▸ Exercise material:
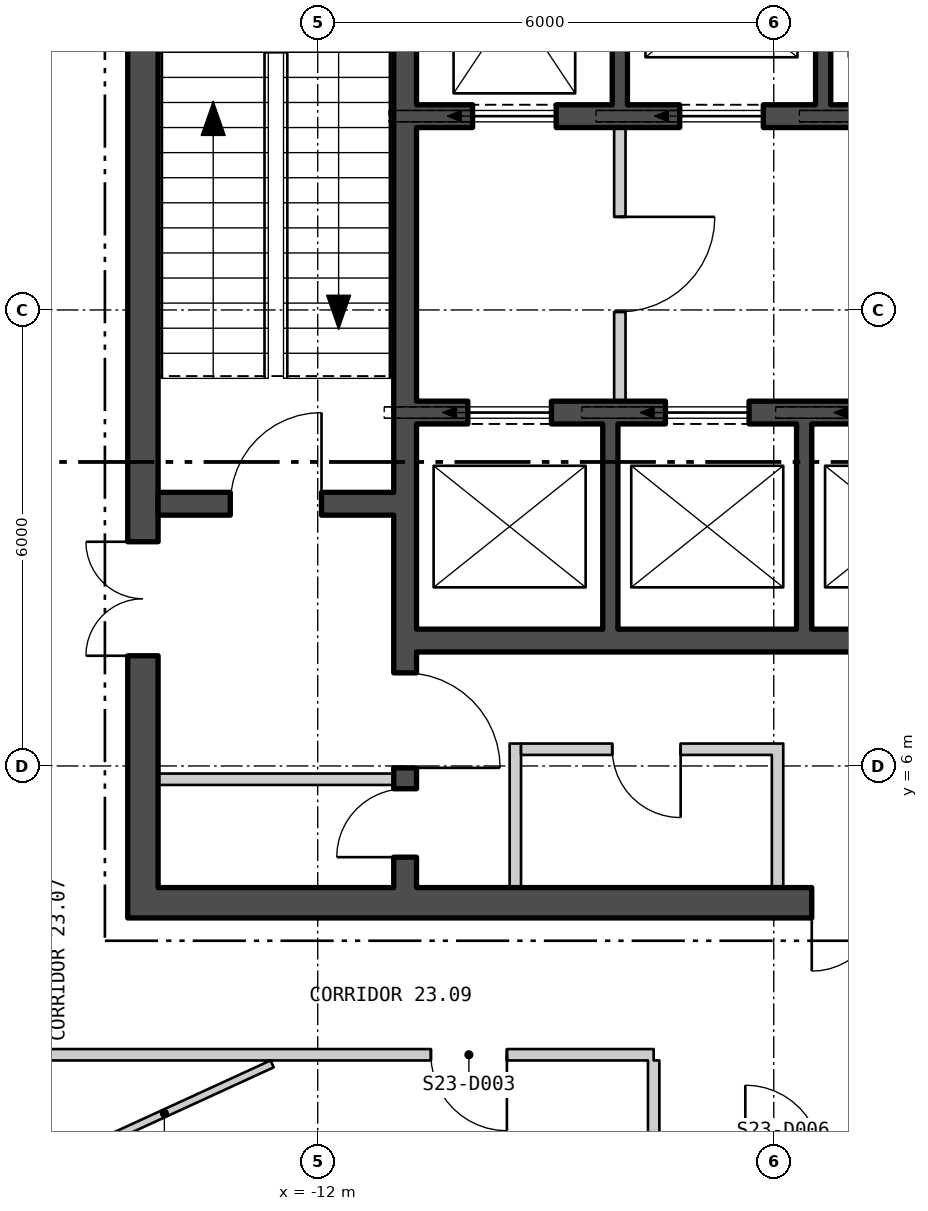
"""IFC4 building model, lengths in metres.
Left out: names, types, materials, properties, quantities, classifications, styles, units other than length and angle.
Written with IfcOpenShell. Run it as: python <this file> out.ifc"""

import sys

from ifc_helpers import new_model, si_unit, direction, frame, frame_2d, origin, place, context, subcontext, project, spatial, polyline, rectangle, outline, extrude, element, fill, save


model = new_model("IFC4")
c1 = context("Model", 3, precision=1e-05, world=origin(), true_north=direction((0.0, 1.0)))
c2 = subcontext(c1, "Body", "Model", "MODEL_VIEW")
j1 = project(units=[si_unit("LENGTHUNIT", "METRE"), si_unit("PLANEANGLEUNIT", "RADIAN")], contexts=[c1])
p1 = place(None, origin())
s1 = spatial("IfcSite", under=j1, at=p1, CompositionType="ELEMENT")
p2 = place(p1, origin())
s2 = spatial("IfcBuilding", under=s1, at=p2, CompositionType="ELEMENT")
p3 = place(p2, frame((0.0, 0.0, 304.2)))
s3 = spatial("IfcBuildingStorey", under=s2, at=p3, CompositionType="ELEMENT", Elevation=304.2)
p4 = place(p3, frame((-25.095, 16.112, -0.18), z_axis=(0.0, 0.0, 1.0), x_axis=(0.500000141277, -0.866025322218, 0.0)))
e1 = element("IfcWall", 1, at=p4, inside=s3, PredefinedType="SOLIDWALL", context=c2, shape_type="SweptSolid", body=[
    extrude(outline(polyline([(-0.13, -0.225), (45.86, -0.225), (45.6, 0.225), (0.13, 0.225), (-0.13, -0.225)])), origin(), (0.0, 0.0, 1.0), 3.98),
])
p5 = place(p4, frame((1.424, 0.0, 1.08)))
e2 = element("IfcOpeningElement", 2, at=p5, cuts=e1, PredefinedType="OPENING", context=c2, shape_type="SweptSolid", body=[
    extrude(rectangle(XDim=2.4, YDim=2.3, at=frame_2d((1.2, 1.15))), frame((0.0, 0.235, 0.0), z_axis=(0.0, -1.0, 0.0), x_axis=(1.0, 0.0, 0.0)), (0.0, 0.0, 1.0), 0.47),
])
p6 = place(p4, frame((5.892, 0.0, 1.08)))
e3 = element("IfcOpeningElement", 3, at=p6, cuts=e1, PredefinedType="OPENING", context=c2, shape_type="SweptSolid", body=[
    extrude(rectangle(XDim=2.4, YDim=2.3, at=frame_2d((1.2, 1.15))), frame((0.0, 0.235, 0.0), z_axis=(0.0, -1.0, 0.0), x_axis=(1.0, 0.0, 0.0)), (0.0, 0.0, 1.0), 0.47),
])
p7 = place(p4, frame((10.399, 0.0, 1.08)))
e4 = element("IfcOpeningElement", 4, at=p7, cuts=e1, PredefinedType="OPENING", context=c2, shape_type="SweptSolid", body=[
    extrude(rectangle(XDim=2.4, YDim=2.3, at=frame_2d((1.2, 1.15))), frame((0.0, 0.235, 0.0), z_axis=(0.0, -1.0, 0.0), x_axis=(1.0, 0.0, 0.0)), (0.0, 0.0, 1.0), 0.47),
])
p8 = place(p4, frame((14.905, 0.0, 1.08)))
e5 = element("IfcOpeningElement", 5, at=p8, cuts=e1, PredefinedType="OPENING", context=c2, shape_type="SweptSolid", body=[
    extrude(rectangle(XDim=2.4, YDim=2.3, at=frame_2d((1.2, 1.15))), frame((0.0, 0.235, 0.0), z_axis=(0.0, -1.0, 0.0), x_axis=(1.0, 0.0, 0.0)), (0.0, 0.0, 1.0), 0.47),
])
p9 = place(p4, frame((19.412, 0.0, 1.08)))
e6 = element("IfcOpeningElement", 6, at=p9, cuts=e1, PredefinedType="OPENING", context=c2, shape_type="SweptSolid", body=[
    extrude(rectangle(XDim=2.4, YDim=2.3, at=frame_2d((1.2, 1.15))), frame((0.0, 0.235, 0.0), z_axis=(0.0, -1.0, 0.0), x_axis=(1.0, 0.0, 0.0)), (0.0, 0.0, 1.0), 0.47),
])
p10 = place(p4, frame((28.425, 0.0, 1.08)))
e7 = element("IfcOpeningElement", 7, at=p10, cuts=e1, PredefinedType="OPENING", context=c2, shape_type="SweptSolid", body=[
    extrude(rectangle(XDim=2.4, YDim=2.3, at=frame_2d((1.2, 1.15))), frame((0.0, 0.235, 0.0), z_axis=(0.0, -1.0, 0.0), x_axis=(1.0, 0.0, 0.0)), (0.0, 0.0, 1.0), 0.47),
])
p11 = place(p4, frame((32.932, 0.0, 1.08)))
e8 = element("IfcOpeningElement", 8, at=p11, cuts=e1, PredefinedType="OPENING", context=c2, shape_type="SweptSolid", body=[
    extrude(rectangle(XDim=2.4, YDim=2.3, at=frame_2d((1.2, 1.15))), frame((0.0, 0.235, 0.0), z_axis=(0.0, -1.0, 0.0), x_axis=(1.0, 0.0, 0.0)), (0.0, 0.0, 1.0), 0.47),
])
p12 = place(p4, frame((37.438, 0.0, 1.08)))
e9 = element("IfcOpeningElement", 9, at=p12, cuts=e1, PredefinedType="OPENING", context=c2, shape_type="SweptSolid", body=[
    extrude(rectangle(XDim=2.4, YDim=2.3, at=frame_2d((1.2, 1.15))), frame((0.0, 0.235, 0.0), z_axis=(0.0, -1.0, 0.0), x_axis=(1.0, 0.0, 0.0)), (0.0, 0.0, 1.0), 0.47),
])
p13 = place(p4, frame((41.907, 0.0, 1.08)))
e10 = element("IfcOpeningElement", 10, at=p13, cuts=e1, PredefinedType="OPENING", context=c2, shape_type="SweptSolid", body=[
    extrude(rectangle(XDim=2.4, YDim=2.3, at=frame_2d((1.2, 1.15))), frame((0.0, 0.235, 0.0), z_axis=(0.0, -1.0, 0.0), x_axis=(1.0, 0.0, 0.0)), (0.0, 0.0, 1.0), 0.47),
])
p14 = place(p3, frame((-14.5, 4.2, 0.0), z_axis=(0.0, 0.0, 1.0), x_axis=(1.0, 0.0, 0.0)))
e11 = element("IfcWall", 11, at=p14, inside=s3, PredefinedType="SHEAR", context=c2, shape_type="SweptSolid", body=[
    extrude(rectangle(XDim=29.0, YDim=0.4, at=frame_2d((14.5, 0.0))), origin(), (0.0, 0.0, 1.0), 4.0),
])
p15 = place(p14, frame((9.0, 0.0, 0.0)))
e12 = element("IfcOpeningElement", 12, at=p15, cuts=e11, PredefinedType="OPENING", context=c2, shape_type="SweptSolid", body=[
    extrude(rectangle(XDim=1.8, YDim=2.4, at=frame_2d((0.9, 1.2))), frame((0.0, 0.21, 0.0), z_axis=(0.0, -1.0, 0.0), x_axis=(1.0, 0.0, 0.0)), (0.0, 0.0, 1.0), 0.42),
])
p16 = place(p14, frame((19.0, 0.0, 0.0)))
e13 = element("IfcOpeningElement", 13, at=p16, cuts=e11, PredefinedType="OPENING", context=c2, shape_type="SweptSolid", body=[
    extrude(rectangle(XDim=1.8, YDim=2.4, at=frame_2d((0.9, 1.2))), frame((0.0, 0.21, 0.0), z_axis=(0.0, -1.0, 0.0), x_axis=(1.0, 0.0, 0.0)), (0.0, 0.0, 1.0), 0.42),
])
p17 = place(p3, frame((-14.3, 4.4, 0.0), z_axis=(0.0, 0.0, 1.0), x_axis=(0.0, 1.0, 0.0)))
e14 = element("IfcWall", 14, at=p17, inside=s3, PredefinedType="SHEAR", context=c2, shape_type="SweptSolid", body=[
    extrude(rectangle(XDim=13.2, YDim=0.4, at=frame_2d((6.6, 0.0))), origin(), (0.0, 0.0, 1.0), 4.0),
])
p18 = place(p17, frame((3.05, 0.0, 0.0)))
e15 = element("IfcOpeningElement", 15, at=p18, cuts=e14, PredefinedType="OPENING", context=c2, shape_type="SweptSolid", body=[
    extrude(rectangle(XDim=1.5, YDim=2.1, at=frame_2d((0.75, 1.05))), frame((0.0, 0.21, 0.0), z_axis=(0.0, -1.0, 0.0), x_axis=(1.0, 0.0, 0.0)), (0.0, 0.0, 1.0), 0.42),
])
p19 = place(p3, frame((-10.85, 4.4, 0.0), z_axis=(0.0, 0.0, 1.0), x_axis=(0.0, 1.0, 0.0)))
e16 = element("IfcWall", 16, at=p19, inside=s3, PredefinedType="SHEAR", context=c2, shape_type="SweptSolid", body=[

▸ Your instructions:
Could you restate word for word the lines above from the one containing "p13 = place(p4, frame((41.907, 0.0, 1.08)))" through the one containing "p18 = place(p17, frame((3.05, 0.0, 0.0)))", both included, and nothing else?

▸ Your response:
p13 = place(p4, frame((41.907, 0.0, 1.08)))
e10 = element("IfcOpeningElement", 10, at=p13, cuts=e1, PredefinedType="OPENING", context=c2, shape_type="SweptSolid", body=[
    extrude(rectangle(XDim=2.4, YDim=2.3, at=frame_2d((1.2, 1.15))), frame((0.0, 0.235, 0.0), z_axis=(0.0, -1.0, 0.0), x_axis=(1.0, 0.0, 0.0)), (0.0, 0.0, 1.0), 0.47),
])
p14 = place(p3, frame((-14.5, 4.2, 0.0), z_axis=(0.0, 0.0, 1.0), x_axis=(1.0, 0.0, 0.0)))
e11 = element("IfcWall", 11, at=p14, inside=s3, PredefinedType="SHEAR", context=c2, shape_type="SweptSolid", body=[
    extrude(rectangle(XDim=29.0, YDim=0.4, at=frame_2d((14.5, 0.0))), origin(), (0.0, 0.0, 1.0), 4.0),
])
p15 = place(p14, frame((9.0, 0.0, 0.0)))
e12 = element("IfcOpeningElement", 12, at=p15, cuts=e11, PredefinedType="OPENING", context=c2, shape_type="SweptSolid", body=[
    extrude(rectangle(XDim=1.8, YDim=2.4, at=frame_2d((0.9, 1.2))), frame((0.0, 0.21, 0.0), z_axis=(0.0, -1.0, 0.0), x_axis=(1.0, 0.0, 0.0)), (0.0, 0.0, 1.0), 0.42),
])
p16 = place(p14, frame((19.0, 0.0, 0.0)))
e13 = element("IfcOpeningElement", 13, at=p16, cuts=e11, PredefinedType="OPENING", context=c2, shape_type="SweptSolid", body=[
    extrude(rectangle(XDim=1.8, YDim=2.4, at=frame_2d((0.9, 1.2))), frame((0.0, 0.21, 0.0), z_axis=(0.0, -1.0, 0.0), x_axis=(1.0, 0.0, 0.0)), (0.0, 0.0, 1.0), 0.42),
])
p17 = place(p3, frame((-14.3, 4.4, 0.0), z_axis=(0.0, 0.0, 1.0), x_axis=(0.0, 1.0, 0.0)))
e14 = element("IfcWall", 14, at=p17, inside=s3, PredefinedType="SHEAR", context=c2, shape_type="SweptSolid", body=[
    extrude(rectangle(XDim=13.2, YDim=0.4, at=frame_2d((6.6, 0.0))), origin(), (0.0, 0.0, 1.0), 4.0),
])
p18 = place(p17, frame((3.05, 0.0, 0.0)))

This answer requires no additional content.